### PROVIDED DATA:
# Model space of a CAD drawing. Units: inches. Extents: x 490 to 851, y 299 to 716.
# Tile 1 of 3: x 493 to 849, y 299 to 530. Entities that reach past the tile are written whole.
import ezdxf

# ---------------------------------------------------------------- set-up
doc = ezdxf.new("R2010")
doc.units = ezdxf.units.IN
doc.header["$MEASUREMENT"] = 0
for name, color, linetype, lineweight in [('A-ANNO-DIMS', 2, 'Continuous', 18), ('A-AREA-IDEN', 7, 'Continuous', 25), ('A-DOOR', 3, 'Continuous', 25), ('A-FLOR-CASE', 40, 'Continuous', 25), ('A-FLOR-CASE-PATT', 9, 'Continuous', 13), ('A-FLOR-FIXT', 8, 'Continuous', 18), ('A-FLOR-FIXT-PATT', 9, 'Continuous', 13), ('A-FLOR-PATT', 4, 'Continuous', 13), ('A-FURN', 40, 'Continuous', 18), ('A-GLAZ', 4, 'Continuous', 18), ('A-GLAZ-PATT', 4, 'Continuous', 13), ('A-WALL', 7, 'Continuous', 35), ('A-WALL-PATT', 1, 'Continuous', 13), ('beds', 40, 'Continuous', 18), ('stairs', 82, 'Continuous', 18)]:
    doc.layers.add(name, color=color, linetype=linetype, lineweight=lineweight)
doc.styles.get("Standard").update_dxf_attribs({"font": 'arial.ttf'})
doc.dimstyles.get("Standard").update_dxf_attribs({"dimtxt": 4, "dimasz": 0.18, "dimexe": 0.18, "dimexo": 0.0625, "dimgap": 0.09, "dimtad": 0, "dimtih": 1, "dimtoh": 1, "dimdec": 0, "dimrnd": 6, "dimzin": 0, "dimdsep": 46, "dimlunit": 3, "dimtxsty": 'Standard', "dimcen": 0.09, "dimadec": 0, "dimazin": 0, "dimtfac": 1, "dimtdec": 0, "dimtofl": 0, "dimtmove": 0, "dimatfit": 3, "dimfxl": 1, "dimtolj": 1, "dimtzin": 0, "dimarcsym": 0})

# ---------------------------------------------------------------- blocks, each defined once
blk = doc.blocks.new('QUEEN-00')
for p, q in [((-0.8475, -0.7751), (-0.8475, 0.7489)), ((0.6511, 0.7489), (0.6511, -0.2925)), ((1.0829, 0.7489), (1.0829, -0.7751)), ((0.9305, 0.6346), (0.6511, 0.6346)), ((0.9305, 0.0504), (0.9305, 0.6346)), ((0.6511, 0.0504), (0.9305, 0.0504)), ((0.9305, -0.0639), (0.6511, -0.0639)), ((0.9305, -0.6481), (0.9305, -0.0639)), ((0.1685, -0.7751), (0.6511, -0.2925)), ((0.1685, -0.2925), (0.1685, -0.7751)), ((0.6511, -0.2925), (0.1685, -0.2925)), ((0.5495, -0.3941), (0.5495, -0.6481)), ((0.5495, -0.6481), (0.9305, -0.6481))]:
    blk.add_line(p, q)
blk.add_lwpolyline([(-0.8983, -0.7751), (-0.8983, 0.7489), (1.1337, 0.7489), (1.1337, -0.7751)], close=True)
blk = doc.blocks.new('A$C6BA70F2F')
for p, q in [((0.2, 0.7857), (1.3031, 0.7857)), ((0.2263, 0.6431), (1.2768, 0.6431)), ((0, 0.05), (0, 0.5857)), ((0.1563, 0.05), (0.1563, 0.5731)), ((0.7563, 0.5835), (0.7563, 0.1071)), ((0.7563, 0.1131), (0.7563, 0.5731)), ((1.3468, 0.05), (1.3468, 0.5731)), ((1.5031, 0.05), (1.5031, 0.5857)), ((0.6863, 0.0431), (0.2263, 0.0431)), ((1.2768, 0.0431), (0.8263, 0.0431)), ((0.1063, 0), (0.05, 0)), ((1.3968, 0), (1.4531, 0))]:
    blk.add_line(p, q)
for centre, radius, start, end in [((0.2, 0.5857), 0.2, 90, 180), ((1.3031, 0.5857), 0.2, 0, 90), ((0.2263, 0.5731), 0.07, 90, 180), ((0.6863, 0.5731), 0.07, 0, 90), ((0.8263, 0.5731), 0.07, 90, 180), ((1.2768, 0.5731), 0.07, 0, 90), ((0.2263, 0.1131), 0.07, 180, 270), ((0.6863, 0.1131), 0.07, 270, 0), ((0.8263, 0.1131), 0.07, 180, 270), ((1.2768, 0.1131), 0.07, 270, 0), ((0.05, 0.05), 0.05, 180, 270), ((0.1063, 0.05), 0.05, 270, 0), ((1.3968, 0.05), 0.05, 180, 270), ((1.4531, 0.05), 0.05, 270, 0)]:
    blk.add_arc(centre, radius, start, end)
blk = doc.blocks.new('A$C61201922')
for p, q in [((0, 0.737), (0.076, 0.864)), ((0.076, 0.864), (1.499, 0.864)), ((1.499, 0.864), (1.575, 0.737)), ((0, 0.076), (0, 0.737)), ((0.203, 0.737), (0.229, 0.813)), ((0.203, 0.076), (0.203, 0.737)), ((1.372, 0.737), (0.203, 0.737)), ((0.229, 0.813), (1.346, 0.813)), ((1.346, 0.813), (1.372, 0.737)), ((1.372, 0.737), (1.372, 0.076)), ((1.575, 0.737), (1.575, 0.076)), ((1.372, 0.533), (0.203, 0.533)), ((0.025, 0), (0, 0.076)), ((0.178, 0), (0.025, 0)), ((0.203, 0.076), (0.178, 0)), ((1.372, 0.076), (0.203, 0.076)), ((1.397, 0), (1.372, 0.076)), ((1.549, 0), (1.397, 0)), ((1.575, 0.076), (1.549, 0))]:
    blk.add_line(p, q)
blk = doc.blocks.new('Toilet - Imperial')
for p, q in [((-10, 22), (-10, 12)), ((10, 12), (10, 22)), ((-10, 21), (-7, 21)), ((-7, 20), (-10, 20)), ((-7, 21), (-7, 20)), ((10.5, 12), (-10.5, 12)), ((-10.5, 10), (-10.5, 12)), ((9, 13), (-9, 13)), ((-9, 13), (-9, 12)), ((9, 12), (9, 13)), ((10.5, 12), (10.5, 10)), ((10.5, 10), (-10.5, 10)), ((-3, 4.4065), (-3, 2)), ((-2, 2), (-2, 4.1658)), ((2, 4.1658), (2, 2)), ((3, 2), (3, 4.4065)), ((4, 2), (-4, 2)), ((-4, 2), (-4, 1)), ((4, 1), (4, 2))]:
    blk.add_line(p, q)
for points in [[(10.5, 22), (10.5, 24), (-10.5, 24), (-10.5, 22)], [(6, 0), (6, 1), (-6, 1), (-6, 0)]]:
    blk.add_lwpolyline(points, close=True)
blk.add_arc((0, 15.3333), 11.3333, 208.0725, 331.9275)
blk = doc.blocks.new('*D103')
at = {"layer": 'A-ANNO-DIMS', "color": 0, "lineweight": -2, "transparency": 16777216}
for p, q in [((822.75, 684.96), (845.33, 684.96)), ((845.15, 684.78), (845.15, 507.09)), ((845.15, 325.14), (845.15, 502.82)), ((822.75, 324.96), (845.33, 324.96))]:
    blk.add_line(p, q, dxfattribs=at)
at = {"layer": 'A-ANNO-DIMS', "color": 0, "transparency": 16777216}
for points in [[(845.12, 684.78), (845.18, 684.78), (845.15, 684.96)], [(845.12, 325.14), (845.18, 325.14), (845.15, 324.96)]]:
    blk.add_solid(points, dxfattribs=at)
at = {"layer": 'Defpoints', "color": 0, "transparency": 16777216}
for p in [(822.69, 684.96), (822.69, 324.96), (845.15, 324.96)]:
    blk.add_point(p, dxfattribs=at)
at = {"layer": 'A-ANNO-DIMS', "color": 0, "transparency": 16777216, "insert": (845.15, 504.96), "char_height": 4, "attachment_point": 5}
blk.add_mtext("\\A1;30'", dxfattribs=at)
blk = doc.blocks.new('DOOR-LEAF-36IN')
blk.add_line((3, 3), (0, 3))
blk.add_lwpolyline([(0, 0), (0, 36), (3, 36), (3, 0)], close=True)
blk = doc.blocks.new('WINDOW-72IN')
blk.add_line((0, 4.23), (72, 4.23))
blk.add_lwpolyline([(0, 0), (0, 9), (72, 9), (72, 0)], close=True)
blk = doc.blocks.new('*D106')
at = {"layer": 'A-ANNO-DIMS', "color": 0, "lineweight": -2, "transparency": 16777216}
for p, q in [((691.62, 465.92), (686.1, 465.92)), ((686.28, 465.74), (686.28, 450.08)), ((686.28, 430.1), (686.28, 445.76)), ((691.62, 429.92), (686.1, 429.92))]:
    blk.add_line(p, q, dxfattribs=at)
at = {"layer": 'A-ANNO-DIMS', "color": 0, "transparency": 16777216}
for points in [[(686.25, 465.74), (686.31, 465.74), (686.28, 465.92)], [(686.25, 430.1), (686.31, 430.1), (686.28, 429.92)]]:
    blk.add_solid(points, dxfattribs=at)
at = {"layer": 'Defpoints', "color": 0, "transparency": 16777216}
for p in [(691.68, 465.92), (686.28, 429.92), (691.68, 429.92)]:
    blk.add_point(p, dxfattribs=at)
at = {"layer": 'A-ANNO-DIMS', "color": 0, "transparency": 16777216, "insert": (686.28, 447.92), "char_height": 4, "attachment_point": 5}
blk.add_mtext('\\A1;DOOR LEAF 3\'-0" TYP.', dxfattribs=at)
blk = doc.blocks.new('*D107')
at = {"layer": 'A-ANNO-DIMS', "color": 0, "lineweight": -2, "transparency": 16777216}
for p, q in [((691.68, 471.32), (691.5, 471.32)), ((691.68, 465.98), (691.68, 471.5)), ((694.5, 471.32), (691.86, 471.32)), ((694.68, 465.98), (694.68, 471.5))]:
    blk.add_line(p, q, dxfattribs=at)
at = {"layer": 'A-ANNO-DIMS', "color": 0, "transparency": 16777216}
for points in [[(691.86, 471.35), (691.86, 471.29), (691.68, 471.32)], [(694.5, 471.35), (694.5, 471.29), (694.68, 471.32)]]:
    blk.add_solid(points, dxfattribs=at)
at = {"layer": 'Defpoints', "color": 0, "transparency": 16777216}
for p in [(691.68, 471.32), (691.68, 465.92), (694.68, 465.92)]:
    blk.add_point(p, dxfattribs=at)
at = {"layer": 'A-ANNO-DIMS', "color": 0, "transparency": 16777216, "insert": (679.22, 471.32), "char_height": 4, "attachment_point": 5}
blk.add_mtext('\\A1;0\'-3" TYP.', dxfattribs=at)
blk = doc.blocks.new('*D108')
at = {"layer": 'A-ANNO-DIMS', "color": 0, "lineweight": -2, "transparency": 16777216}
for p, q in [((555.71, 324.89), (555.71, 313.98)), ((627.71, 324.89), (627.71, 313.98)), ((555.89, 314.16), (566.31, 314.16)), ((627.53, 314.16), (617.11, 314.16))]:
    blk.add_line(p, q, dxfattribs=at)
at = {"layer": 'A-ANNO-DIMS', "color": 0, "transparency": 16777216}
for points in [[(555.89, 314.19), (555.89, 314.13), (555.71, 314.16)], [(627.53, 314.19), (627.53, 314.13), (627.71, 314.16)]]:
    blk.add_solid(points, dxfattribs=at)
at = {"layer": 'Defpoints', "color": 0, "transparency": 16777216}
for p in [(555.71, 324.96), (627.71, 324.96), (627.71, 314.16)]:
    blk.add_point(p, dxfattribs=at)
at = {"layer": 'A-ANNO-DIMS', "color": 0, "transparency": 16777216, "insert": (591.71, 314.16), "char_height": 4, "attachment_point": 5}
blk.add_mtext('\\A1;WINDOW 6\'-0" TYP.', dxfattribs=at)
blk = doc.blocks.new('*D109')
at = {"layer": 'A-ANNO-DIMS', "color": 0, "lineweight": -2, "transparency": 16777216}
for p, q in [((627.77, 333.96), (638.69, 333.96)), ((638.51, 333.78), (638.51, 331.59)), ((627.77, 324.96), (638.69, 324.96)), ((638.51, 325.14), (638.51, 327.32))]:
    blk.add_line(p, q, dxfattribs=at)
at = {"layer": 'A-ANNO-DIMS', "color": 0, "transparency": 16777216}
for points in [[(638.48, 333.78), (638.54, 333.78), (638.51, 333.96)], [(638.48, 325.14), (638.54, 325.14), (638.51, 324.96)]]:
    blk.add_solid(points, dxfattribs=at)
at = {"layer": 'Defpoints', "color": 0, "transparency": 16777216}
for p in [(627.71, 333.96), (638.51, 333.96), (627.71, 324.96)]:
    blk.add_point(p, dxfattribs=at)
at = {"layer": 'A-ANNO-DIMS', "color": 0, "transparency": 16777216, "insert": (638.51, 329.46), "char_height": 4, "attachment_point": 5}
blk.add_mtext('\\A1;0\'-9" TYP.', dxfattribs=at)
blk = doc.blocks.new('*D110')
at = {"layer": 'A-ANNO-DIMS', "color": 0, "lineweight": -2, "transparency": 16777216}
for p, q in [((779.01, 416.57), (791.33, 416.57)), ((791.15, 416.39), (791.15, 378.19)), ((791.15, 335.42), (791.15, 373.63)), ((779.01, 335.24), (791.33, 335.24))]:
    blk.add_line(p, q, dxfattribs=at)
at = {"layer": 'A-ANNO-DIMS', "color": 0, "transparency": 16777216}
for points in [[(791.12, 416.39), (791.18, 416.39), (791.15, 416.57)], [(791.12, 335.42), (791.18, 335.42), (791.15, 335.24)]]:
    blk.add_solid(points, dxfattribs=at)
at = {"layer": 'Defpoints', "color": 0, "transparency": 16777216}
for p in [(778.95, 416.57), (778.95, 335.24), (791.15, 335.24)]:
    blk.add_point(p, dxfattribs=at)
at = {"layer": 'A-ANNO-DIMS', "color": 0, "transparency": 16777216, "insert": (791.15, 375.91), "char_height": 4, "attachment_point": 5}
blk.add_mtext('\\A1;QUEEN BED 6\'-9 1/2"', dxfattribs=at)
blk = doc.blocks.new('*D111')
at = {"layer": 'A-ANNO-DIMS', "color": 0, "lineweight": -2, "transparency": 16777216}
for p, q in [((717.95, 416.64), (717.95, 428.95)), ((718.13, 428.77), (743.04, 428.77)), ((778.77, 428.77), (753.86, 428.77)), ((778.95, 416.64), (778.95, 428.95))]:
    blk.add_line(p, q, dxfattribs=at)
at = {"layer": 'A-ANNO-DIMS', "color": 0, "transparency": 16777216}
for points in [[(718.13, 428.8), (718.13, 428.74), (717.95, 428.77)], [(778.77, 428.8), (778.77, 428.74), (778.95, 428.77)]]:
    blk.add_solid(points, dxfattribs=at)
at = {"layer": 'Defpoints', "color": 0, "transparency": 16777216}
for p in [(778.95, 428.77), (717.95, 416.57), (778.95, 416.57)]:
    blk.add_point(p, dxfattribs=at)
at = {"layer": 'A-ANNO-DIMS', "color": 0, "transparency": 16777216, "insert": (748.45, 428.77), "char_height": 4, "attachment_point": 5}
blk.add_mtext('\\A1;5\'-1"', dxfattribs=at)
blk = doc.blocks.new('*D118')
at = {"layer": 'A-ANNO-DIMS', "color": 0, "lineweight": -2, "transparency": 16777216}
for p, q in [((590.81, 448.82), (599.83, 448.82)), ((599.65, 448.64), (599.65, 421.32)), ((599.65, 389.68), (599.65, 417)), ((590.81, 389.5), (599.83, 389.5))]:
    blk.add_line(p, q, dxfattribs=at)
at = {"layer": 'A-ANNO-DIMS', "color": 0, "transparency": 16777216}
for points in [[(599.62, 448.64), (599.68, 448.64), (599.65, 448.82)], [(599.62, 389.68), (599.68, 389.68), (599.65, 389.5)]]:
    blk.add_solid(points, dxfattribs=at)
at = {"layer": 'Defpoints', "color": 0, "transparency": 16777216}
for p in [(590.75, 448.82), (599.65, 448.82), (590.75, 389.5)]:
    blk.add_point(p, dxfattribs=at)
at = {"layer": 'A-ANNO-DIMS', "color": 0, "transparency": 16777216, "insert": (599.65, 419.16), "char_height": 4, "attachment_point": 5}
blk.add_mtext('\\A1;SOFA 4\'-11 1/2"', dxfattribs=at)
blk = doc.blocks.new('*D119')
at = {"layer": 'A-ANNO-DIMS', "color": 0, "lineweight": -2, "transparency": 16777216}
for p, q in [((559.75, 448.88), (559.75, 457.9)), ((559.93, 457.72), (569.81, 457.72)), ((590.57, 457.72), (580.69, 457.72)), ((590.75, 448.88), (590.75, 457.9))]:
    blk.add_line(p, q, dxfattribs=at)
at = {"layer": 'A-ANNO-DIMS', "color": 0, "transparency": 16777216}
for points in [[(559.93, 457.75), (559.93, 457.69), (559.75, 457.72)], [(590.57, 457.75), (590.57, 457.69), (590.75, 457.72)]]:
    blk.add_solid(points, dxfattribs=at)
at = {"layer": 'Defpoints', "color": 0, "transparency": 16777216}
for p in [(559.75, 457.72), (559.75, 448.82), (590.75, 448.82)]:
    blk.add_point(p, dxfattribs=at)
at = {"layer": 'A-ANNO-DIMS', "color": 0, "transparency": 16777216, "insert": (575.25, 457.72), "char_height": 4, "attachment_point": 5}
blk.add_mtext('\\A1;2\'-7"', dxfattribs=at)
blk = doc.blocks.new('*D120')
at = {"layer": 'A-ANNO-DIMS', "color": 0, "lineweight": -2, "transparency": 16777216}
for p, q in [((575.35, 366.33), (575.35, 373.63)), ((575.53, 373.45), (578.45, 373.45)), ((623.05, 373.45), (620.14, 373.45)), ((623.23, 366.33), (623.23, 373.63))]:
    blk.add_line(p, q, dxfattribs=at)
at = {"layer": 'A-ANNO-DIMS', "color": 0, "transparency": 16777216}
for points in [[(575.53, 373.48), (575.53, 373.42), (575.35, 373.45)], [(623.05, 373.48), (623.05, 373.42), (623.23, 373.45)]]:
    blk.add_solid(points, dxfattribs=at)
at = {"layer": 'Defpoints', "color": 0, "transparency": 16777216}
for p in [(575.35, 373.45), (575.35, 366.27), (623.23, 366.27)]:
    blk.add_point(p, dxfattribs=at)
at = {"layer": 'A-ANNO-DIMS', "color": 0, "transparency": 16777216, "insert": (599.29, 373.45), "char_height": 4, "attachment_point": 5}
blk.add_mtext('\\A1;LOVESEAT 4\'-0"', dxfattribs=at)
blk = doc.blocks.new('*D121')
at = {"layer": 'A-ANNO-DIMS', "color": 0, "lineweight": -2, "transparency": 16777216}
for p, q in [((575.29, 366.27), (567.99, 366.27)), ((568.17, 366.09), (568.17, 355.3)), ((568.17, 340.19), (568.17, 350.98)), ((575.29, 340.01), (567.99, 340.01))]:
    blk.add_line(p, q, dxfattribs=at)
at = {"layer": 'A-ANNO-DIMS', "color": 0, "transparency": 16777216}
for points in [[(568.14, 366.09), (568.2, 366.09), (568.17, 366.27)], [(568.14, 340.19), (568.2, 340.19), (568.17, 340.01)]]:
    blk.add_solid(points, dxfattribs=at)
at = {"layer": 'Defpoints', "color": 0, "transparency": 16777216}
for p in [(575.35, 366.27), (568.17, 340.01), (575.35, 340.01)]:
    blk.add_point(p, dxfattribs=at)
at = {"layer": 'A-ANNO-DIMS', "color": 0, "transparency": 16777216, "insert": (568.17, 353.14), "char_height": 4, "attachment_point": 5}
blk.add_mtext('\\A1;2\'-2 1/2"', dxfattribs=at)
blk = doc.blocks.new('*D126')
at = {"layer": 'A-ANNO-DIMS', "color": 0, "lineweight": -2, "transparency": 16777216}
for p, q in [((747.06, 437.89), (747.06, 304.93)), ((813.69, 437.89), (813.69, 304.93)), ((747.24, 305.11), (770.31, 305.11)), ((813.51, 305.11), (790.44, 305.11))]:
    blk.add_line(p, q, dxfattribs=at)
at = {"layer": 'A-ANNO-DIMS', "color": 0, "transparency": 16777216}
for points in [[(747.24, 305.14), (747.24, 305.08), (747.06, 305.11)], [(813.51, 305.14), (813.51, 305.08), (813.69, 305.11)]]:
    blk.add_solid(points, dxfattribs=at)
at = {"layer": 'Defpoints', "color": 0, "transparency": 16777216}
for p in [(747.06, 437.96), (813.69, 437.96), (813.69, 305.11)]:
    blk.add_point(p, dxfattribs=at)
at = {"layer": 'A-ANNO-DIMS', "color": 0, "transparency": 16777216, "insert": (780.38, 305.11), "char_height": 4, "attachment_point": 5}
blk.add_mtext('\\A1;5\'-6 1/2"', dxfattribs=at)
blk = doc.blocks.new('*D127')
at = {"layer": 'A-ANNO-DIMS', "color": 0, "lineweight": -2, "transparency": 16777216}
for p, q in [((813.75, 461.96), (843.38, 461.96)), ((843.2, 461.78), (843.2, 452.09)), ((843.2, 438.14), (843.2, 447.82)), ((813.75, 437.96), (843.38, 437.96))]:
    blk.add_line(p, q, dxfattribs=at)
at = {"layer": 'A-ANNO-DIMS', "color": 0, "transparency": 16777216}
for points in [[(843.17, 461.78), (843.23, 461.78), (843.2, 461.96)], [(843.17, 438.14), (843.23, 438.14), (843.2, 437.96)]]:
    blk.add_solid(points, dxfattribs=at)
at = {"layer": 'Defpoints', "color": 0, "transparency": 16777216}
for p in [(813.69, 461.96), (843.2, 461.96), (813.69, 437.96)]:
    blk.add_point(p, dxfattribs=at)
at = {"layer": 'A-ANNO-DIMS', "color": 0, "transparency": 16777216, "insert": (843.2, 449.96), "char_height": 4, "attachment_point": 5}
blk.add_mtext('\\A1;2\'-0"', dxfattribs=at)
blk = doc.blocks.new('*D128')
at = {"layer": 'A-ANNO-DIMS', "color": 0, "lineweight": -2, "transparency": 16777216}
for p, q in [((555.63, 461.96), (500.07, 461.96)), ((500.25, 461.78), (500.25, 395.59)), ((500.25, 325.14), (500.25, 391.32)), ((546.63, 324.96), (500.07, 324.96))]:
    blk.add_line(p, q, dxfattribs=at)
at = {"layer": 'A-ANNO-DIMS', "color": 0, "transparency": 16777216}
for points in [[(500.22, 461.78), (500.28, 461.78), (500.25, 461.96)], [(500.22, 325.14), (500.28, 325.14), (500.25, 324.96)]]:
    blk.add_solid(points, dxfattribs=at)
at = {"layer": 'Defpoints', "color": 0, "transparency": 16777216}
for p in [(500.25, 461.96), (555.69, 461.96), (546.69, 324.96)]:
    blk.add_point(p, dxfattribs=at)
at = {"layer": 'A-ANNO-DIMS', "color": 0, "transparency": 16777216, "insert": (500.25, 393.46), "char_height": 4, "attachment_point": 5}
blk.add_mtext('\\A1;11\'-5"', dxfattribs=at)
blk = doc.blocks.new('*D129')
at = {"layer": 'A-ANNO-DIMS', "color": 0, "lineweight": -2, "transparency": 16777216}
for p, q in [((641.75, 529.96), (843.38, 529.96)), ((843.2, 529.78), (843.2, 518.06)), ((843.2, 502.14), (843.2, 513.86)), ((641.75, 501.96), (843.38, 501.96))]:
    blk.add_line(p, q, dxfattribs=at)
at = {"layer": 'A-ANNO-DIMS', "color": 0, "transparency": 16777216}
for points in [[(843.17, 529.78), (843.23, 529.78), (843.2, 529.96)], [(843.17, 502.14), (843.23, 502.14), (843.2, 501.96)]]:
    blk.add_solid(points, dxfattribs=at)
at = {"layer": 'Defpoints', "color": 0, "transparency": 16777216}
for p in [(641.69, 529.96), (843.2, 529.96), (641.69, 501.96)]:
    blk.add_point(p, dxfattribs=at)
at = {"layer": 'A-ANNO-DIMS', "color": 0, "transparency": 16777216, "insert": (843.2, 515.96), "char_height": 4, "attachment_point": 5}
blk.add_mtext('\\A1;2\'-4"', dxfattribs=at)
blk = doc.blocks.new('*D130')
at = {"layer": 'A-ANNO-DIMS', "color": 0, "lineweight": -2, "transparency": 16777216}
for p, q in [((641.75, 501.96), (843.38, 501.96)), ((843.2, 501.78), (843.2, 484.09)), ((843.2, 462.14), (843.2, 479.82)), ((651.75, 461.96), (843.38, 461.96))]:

### TO DO:
Your reply must be one number: how many lines of the material hold the string "LEAF".

### RESULT OF THIS TASK:
2